Go through the records, and copy each line in which the string "scale" is present.
╔══
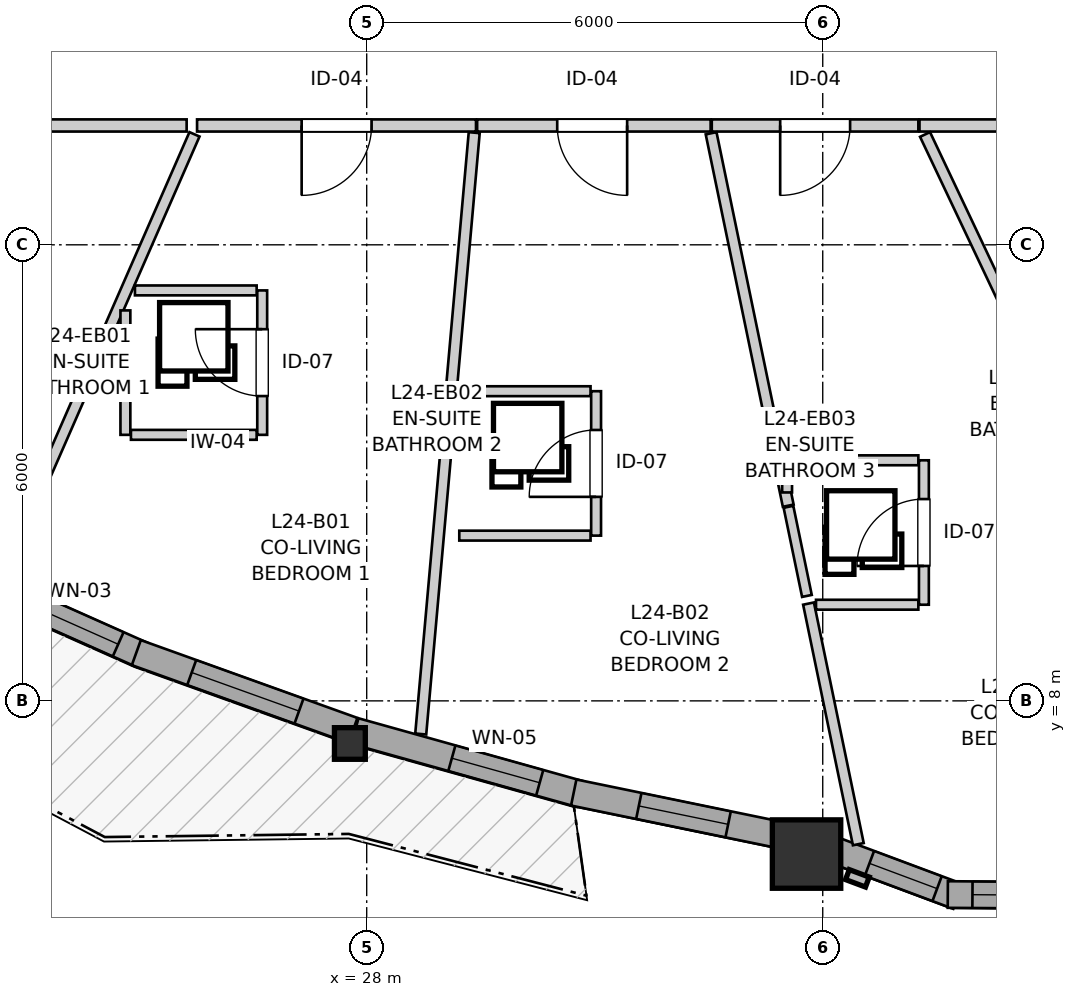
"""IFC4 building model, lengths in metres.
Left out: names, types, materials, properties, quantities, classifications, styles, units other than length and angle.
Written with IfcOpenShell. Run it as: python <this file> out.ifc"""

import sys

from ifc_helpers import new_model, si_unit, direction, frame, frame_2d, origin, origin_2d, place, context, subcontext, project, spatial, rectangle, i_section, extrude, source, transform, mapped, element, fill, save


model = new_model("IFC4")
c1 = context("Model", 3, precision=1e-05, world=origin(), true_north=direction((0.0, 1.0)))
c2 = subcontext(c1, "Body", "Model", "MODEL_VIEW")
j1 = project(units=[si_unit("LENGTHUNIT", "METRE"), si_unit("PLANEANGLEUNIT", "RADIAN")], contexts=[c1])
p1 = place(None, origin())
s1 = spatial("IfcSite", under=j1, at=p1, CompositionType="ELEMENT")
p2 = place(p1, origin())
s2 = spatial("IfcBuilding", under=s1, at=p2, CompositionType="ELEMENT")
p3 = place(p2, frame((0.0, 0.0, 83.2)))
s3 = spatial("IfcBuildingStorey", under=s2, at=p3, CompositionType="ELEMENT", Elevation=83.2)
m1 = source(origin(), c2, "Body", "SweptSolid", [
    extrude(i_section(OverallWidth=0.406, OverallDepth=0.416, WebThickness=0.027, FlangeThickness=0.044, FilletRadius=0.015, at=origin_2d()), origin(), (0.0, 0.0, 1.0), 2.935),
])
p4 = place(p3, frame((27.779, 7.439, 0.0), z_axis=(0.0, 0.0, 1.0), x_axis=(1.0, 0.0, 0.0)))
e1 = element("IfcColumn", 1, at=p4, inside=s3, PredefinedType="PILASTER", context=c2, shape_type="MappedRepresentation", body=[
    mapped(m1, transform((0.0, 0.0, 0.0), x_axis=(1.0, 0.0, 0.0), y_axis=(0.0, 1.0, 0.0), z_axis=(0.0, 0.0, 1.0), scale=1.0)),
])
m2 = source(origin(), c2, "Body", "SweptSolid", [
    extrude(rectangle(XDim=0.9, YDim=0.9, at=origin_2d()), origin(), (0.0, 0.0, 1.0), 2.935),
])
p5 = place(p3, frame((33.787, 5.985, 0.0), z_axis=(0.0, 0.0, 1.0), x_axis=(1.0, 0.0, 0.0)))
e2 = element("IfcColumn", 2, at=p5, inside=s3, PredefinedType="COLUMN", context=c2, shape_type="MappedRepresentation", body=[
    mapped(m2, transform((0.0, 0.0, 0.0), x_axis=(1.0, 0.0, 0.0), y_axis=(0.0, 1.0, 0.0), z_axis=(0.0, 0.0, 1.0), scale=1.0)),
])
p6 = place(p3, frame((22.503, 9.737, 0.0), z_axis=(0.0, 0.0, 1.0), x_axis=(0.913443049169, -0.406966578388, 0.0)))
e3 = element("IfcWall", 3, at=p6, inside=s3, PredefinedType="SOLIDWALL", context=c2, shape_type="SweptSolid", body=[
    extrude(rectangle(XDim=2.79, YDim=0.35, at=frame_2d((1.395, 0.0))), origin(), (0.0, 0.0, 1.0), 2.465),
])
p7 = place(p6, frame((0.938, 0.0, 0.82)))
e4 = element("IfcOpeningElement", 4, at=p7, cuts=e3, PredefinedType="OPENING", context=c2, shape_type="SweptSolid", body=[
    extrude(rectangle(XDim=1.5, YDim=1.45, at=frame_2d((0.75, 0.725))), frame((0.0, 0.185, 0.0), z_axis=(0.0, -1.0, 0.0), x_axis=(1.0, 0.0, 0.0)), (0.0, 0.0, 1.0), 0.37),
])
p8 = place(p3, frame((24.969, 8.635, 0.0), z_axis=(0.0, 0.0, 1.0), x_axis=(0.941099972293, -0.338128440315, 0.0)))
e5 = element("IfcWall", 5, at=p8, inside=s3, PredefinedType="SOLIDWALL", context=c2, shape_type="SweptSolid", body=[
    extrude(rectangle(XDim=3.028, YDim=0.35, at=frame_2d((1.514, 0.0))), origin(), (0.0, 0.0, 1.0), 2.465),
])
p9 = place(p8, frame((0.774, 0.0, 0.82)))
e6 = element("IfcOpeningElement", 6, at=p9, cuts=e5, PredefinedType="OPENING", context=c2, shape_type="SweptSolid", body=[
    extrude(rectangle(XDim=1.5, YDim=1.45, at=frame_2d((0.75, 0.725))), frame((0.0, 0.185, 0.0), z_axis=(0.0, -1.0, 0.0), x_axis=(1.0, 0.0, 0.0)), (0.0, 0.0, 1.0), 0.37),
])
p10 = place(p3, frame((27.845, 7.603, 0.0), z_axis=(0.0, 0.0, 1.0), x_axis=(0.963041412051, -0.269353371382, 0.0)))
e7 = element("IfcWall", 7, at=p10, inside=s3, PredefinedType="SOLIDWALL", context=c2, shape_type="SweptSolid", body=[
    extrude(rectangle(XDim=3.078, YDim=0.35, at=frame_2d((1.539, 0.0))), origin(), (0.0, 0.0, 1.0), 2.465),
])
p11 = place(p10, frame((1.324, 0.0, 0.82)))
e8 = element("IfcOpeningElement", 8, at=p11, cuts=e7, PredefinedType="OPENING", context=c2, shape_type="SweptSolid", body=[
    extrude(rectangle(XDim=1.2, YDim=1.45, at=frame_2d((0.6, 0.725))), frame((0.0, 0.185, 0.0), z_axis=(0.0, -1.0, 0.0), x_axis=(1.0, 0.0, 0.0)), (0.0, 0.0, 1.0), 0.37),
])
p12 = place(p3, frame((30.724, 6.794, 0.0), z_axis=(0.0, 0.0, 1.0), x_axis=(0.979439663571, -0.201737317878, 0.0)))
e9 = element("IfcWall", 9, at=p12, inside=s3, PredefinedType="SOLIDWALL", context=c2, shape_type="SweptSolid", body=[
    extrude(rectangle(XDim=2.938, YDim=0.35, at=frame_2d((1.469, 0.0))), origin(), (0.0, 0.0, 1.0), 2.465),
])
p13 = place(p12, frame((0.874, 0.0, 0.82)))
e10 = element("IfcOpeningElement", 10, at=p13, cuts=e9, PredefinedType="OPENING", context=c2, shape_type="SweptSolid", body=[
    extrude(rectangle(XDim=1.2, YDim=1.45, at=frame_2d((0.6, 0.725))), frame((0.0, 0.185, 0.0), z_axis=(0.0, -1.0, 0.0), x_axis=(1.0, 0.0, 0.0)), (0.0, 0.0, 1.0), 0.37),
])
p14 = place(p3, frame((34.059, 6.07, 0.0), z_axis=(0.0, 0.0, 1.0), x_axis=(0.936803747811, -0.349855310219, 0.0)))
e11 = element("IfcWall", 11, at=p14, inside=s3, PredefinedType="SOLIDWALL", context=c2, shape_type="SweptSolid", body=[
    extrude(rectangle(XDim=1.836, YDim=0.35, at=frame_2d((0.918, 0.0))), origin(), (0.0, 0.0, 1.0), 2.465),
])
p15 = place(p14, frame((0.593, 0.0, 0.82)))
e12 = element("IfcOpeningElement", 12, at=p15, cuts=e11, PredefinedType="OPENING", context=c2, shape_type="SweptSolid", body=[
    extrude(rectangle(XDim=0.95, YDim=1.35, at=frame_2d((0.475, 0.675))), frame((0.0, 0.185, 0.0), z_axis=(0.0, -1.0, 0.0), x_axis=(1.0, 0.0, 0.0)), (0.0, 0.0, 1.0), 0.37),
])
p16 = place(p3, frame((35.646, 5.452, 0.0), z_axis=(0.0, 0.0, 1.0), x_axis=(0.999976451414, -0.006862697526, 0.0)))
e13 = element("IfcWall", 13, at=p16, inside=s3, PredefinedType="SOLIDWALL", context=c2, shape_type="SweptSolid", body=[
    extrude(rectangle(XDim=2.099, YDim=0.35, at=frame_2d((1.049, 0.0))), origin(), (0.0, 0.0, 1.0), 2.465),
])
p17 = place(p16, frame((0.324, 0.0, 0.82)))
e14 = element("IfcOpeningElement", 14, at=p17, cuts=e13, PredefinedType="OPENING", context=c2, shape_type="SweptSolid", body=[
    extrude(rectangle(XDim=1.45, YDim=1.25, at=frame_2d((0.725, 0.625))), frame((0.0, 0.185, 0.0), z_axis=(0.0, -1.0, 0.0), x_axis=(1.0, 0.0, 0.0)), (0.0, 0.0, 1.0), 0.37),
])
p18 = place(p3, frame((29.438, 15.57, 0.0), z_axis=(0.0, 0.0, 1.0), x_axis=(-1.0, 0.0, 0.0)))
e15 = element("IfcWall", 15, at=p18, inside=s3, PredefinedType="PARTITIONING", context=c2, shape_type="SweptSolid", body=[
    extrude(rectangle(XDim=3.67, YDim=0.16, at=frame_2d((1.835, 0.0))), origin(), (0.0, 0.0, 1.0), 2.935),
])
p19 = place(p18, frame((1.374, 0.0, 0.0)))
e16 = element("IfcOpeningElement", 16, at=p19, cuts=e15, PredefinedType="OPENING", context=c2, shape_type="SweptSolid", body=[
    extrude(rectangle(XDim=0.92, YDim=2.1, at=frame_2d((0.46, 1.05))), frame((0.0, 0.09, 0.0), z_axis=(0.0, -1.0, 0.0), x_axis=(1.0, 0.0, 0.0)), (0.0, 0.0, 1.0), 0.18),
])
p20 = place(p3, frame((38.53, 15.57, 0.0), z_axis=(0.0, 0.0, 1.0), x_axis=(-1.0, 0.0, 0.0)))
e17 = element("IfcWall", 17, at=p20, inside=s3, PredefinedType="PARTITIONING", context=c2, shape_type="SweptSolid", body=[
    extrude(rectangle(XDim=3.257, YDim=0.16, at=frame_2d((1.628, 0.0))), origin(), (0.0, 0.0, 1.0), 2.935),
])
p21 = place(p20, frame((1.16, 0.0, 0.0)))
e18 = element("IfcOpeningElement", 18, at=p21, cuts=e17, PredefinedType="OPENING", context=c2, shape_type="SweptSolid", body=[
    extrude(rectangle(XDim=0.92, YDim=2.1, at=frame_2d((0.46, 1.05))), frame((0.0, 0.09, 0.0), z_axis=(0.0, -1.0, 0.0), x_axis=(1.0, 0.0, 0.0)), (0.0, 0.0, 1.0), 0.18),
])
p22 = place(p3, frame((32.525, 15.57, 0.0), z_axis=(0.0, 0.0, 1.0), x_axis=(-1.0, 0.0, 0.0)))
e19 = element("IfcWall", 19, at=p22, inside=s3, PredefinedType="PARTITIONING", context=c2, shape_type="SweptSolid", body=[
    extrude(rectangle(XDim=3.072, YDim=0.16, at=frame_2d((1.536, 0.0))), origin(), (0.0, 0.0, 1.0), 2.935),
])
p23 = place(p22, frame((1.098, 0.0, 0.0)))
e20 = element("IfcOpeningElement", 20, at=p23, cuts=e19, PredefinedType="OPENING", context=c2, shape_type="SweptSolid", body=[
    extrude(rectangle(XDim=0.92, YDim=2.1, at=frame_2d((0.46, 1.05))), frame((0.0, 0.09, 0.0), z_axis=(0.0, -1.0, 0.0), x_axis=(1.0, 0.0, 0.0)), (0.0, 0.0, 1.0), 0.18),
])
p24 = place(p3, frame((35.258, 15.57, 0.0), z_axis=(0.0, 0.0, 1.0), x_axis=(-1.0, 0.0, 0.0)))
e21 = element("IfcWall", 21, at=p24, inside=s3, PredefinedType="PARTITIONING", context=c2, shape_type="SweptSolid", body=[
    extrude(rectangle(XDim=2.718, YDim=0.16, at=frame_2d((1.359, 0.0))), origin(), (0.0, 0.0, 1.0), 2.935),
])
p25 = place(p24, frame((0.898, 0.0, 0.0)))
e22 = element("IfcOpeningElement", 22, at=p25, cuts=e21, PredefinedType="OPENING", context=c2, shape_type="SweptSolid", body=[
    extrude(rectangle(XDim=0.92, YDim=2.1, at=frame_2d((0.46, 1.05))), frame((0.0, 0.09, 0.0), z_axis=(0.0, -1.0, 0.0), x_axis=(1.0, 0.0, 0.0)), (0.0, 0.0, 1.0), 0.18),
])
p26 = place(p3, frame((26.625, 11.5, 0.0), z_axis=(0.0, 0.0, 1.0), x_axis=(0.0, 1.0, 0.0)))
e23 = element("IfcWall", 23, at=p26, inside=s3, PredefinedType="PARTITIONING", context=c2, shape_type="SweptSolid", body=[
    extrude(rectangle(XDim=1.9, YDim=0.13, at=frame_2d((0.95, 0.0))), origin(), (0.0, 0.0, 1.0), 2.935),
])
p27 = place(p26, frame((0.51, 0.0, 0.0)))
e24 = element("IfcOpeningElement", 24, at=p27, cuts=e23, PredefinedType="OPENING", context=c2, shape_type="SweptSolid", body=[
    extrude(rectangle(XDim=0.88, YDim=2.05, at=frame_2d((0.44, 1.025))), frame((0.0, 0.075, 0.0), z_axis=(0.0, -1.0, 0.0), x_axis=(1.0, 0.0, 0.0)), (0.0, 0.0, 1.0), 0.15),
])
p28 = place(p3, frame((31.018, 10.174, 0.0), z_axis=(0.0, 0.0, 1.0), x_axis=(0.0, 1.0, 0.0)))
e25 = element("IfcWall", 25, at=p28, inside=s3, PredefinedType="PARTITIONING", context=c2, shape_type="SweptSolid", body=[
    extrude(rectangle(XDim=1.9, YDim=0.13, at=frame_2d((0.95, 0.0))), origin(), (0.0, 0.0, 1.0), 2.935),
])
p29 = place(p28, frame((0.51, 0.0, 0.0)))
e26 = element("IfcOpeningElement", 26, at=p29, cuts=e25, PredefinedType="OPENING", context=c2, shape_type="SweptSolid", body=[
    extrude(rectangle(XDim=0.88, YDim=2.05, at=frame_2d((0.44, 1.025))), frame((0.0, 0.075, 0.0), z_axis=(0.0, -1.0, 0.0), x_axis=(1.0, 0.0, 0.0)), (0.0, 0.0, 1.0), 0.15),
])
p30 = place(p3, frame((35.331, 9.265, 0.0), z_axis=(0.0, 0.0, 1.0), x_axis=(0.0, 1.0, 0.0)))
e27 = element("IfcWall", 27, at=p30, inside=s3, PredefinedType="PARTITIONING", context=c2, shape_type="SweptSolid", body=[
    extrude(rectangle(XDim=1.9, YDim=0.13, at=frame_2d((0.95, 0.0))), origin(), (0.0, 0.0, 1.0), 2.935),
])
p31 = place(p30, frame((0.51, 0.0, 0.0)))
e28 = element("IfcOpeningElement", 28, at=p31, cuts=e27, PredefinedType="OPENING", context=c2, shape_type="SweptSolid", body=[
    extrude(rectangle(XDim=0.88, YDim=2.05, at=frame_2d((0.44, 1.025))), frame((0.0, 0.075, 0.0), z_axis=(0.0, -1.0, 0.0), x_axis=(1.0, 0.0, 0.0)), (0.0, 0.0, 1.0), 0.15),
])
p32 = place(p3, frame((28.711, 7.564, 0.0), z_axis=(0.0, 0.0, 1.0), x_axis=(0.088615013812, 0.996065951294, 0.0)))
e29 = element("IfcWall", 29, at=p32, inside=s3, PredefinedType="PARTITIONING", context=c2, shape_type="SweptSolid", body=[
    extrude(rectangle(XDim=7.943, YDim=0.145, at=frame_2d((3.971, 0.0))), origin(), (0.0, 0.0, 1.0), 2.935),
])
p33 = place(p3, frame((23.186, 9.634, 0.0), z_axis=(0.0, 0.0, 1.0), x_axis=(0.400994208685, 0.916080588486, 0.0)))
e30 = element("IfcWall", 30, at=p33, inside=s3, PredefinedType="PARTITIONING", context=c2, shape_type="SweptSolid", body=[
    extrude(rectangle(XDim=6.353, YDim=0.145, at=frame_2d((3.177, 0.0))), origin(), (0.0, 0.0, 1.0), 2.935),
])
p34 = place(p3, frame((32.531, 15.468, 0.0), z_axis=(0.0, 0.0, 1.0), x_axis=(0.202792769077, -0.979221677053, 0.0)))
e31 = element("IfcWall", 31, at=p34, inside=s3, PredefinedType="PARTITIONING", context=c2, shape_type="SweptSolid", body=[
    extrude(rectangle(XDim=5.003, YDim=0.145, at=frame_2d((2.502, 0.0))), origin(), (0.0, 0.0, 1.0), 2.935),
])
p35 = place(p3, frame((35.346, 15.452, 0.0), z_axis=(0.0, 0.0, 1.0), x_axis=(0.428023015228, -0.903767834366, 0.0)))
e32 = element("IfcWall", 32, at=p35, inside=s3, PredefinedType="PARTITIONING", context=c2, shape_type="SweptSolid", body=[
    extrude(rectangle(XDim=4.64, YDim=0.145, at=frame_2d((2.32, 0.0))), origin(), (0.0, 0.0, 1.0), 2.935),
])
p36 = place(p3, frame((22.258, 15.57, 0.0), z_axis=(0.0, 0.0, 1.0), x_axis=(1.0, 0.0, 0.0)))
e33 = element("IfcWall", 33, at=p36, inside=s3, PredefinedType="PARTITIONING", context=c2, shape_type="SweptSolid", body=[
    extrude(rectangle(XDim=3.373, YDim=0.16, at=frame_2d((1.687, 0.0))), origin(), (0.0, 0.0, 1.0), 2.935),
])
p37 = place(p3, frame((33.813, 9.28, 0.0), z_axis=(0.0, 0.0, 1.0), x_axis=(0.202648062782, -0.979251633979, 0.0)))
╚══
● **Answer for the task**:
    mapped(m1, transform((0.0, 0.0, 0.0), x_axis=(1.0, 0.0, 0.0), y_axis=(0.0, 1.0, 0.0), z_axis=(0.0, 0.0, 1.0), scale=1.0)),
    mapped(m2, transform((0.0, 0.0, 0.0), x_axis=(1.0, 0.0, 0.0), y_axis=(0.0, 1.0, 0.0), z_axis=(0.0, 0.0, 1.0), scale=1.0)),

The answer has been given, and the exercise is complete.